Data in this exercise:
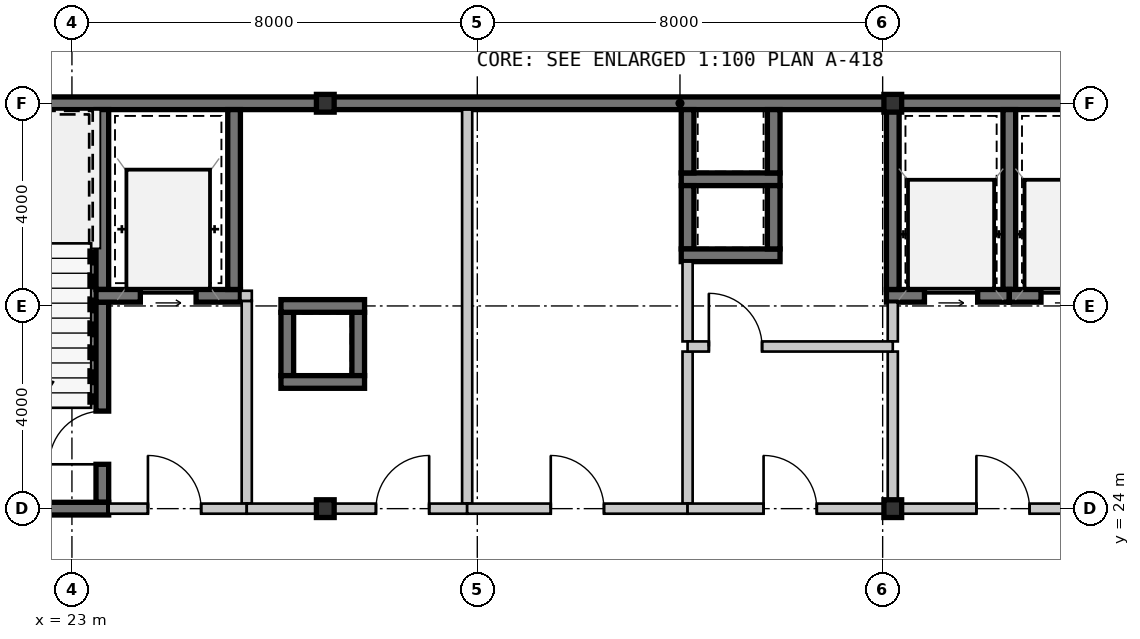
"""IFC4 building model, lengths in metres.
Left out: names, types, materials, properties, quantities, classifications, styles, units other than length and angle.
Written with IfcOpenShell. Run it as: python <this file> out.ifc"""

import sys

from ifc_helpers import new_model, si_unit, direction, frame, frame_2d, origin, origin_2d, place, context, subcontext, project, spatial, rectangle, hollow_rectangle, extrude, source, transform, mapped, element, fill, save


model = new_model("IFC4")
c1 = context("Model", 3, precision=1e-05, world=origin(), true_north=direction((0.0, 1.0)))
c2 = subcontext(c1, "Body", "Model", "MODEL_VIEW")
j1 = project(units=[si_unit("LENGTHUNIT", "METRE"), si_unit("PLANEANGLEUNIT", "RADIAN")], contexts=[c1])
p1 = place(None, origin())
s1 = spatial("IfcSite", under=j1, at=p1, CompositionType="ELEMENT")
p2 = place(p1, origin())
s2 = spatial("IfcBuilding", under=s1, at=p2, CompositionType="ELEMENT")
p3 = place(p2, frame((0.0, 0.0, 172.55)))
s3 = spatial("IfcBuildingStorey", under=s2, at=p3, CompositionType="ELEMENT", Elevation=172.55)
m1 = source(origin(), c2, "Body", "SweptSolid", [
    extrude(hollow_rectangle(XDim=0.35, YDim=0.35, WallThickness=0.016, at=origin_2d()), origin(), (0.0, 0.0, 1.0), 3.15),
])
for number, where, z_axis, x_axis in (
    (1, (28.0, 24.0, 0.0), (0.0, 0.0, 1.0), (1.0, 0.0, 0.0)),
    (2, (39.2, 24.0, 0.0), (0.0, 0.0, 1.0), (1.0, 0.0, 0.0)),
    (3, (28.0, 32.0, 0.0), (0.0, 0.0, 1.0), (1.0, 0.0, 0.0)),
    (4, (39.2, 32.0, 0.0), (0.0, 0.0, 1.0), (1.0, 0.0, 0.0)),
):
    element("IfcColumn", number, at=place(p3, frame(where, z_axis=z_axis, x_axis=x_axis)), inside=s3, PredefinedType="COLUMN", context=c2, shape_type="MappedRepresentation", body=[
        mapped(m1, transform((0.0, 0.0, 0.0), scale=1.0)),
    ])
m2 = source(origin(), c2, "Body", "SweptSolid", [
    extrude(rectangle(XDim=9.125, YDim=0.25, at=frame_2d((4.562, 0.0))), origin(), (0.0, 0.0, 1.0), 2.93),
])
p4 = place(p3, frame((18.875, 32.0, 0.0), z_axis=(0.0, 0.0, 1.0), x_axis=(1.0, 0.0, 0.0)))
e5 = element("IfcWall", 5, at=p4, inside=s3, PredefinedType="SHEAR", context=c2, shape_type="MappedRepresentation", body=[
    mapped(m2, transform((0.0, 0.0, 0.0), scale=1.0)),
])
m3 = source(origin(), c2, "Body", "SweptSolid", [
    extrude(rectangle(XDim=11.2, YDim=0.25, at=frame_2d((5.6, 0.0))), origin(), (0.0, 0.0, 1.0), 2.93),
])
p5 = place(p3, frame((28.0, 32.0, 0.0), z_axis=(0.0, 0.0, 1.0), x_axis=(1.0, 0.0, 0.0)))
e6 = element("IfcWall", 6, at=p5, inside=s3, PredefinedType="SHEAR", context=c2, shape_type="MappedRepresentation", body=[
    mapped(m3, transform((0.0, 0.0, 0.0), scale=1.0)),
])
m4 = source(origin(), c2, "Body", "SweptSolid", [
    extrude(rectangle(XDim=11.925, YDim=0.25, at=frame_2d((5.962, 0.0))), origin(), (0.0, 0.0, 1.0), 2.93),
])
p6 = place(p3, frame((39.2, 32.0, 0.0), z_axis=(0.0, 0.0, 1.0), x_axis=(1.0, 0.0, 0.0)))
e7 = element("IfcWall", 7, at=p6, inside=s3, PredefinedType="SHEAR", context=c2, shape_type="MappedRepresentation", body=[
    mapped(m4, transform((0.0, 0.0, 0.0), scale=1.0)),
])
m5 = source(origin(), c2, "Body", "SweptSolid", [
    extrude(rectangle(XDim=3.55, YDim=0.25, at=frame_2d((1.775, 0.0))), origin(), (0.0, 0.0, 1.0), 2.93),
])
p7 = place(p3, frame((23.6, 28.325, 0.0), z_axis=(0.0, 0.0, 1.0), x_axis=(0.0, 1.0, 0.0)))
e8 = element("IfcWall", 8, at=p7, inside=s3, PredefinedType="SHEAR", context=c2, shape_type="MappedRepresentation", body=[
    mapped(m5, transform((0.0, 0.0, 0.0), scale=1.0)),
])
m6 = source(origin(), c2, "Body", "SweptSolid", [
    extrude(rectangle(XDim=3.95, YDim=0.25, at=frame_2d((1.975, 0.0))), origin(), (0.0, 0.0, 1.0), 2.93),
])
p8 = place(p3, frame((23.6, 24.125, 0.0), z_axis=(0.0, 0.0, 1.0), x_axis=(0.0, 1.0, 0.0)))
e9 = element("IfcWall", 9, at=p8, inside=s3, PredefinedType="SHEAR", context=c2, shape_type="MappedRepresentation", body=[
    mapped(m6, transform((0.0, 0.0, 0.0), scale=1.0)),
])
m7 = source(origin(), c2, "Body", "SweptSolid", [
    extrude(rectangle(XDim=1.05, YDim=2.1, at=frame_2d((0.525, 1.05))), frame((0.0, 0.135, 0.0), z_axis=(0.0, -1.0, 0.0), x_axis=(1.0, 0.0, 0.0)), (0.0, 0.0, 1.0), 0.27),
])
p9 = place(p8, frame((0.75, 0.0, 0.0)))
e10 = element("IfcOpeningElement", 10, at=p9, cuts=e9, PredefinedType="OPENING", context=c2, shape_type="MappedRepresentation", body=[
    mapped(m7, transform((0.0, 0.0, 0.0), scale=1.0)),
])
m8 = source(origin(), c2, "Body", "SweptSolid", [
    extrude(rectangle(XDim=4.85, YDim=0.25, at=frame_2d((2.425, 0.0))), origin(), (0.0, 0.0, 1.0), 2.93),
])
p10 = place(p3, frame((18.875, 24.0, 0.0), z_axis=(0.0, 0.0, 1.0), x_axis=(1.0, 0.0, 0.0)))
e11 = element("IfcWall", 11, at=p10, inside=s3, PredefinedType="SHEAR", context=c2, shape_type="MappedRepresentation", body=[
    mapped(m8, transform((0.0, 0.0, 0.0), scale=1.0)),
])
m9 = source(origin(), c2, "Body", "SweptSolid", [
    extrude(rectangle(XDim=2.85, YDim=0.25, at=frame_2d((1.425, 0.0))), origin(), (0.0, 0.0, 1.0), 2.93),
])
p11 = place(p3, frame((23.475, 28.2, 0.0), z_axis=(0.0, 0.0, 1.0), x_axis=(1.0, 0.0, 0.0)))
e12 = element("IfcWall", 12, at=p11, inside=s3, PredefinedType="SHEAR", context=c2, shape_type="MappedRepresentation", body=[
    mapped(m9, transform((0.0, 0.0, 0.0), scale=1.0)),
])
m10 = source(origin(), c2, "Body", "SweptSolid", [
    extrude(rectangle(XDim=1.1, YDim=2.15, at=frame_2d((0.55, 1.075))), frame((0.0, 0.135, 0.0), z_axis=(0.0, -1.0, 0.0), x_axis=(1.0, 0.0, 0.0)), (0.0, 0.0, 1.0), 0.27),
])
p12 = place(p11, frame((0.875, 0.0, 0.0)))
e13 = element("IfcOpeningElement", 13, at=p12, cuts=e12, PredefinedType="OPENING", context=c2, shape_type="MappedRepresentation", body=[
    mapped(m10, transform((0.0, 0.0, 0.0), scale=1.0)),
])
p13 = place(p3, frame((26.2, 28.325, 0.0), z_axis=(0.0, 0.0, 1.0), x_axis=(0.0, 1.0, 0.0)))
e14 = element("IfcWall", 14, at=p13, inside=s3, PredefinedType="SHEAR", context=c2, shape_type="MappedRepresentation", body=[
    mapped(m5, transform((0.0, 0.0, 0.0), scale=1.0)),
])
m11 = source(origin(), c2, "Body", "SweptSolid", [
    extrude(rectangle(XDim=4.0, YDim=0.2, at=frame_2d((2.0, 0.0))), origin(), (0.0, 0.0, 1.0), 2.93),
])
p14 = place(p3, frame((26.45, 24.1, 0.0), z_axis=(0.0, 0.0, 1.0), x_axis=(0.0, 1.0, 0.0)))
e15 = element("IfcWall", 15, at=p14, inside=s3, PredefinedType="SOLIDWALL", context=c2, shape_type="MappedRepresentation", body=[
    mapped(m11, transform((0.0, 0.0, 0.0), scale=1.0)),
])
m12 = source(origin(), c2, "Body", "SweptSolid", [
    extrude(rectangle(XDim=2.725, YDim=0.2, at=frame_2d((1.362, 0.0))), origin(), (0.0, 0.0, 1.0), 2.47),
])
p15 = place(p3, frame((23.725, 24.0, 0.0), z_axis=(0.0, 0.0, 1.0), x_axis=(1.0, 0.0, 0.0)))
e16 = element("IfcWall", 16, at=p15, inside=s3, PredefinedType="SOLIDWALL", context=c2, shape_type="MappedRepresentation", body=[
    mapped(m12, transform((0.0, 0.0, 0.0), scale=1.0)),
])
m13 = source(origin(), c2, "Body", "SweptSolid", [
    extrude(rectangle(XDim=1.05, YDim=2.1, at=frame_2d((0.525, 1.05))), frame((0.0, 0.11, 0.0), z_axis=(0.0, -1.0, 0.0), x_axis=(1.0, 0.0, 0.0)), (0.0, 0.0, 1.0), 0.22),
])
p16 = place(p15, frame((0.775, 0.0, 0.0)))
e17 = element("IfcOpeningElement", 17, at=p16, cuts=e16, PredefinedType="OPENING", context=c2, shape_type="MappedRepresentation", body=[
    mapped(m13, transform((0.0, 0.0, 0.0), scale=1.0)),
])
m14 = source(origin(), c2, "Body", "SweptSolid", [
    extrude(rectangle(XDim=1.95, YDim=0.25, at=frame_2d((0.975, 0.0))), origin(), (0.0, 0.0, 1.0), 2.93),
])
p17 = place(p3, frame((35.025, 30.5, 0.0), z_axis=(0.0, 0.0, 1.0), x_axis=(1.0, 0.0, 0.0)))
e18 = element("IfcWall", 18, at=p17, inside=s3, PredefinedType="SHEAR", context=c2, shape_type="MappedRepresentation", body=[
    mapped(m14, transform((0.0, 0.0, 0.0), scale=1.0)),
])
m15 = source(origin(), c2, "Body", "SweptSolid", [
    extrude(rectangle(XDim=1.25, YDim=0.25, at=frame_2d((0.625, 0.0))), origin(), (0.0, 0.0, 1.0), 2.93),
])
for number, where, z_axis, x_axis in (
    (19, (35.15, 31.875, 0.0), (0.0, 0.0, 1.0), (0.0, -1.0, 0.0)),
    (20, (36.85, 30.625, 0.0), (0.0, 0.0, 1.0), (0.0, 1.0, 0.0)),
    (21, (35.15, 30.375, 0.0), (0.0, 0.0, 1.0), (0.0, -1.0, 0.0)),
):
    element("IfcWall", number, at=place(p3, frame(where, z_axis=z_axis, x_axis=x_axis)), inside=s3, PredefinedType="SHEAR", context=c2, shape_type="MappedRepresentation", body=[
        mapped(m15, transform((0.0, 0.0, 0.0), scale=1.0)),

Aim of the task: Search the listing above for lines with the word "number", and state how many there are, nothing else.

Answer space: 4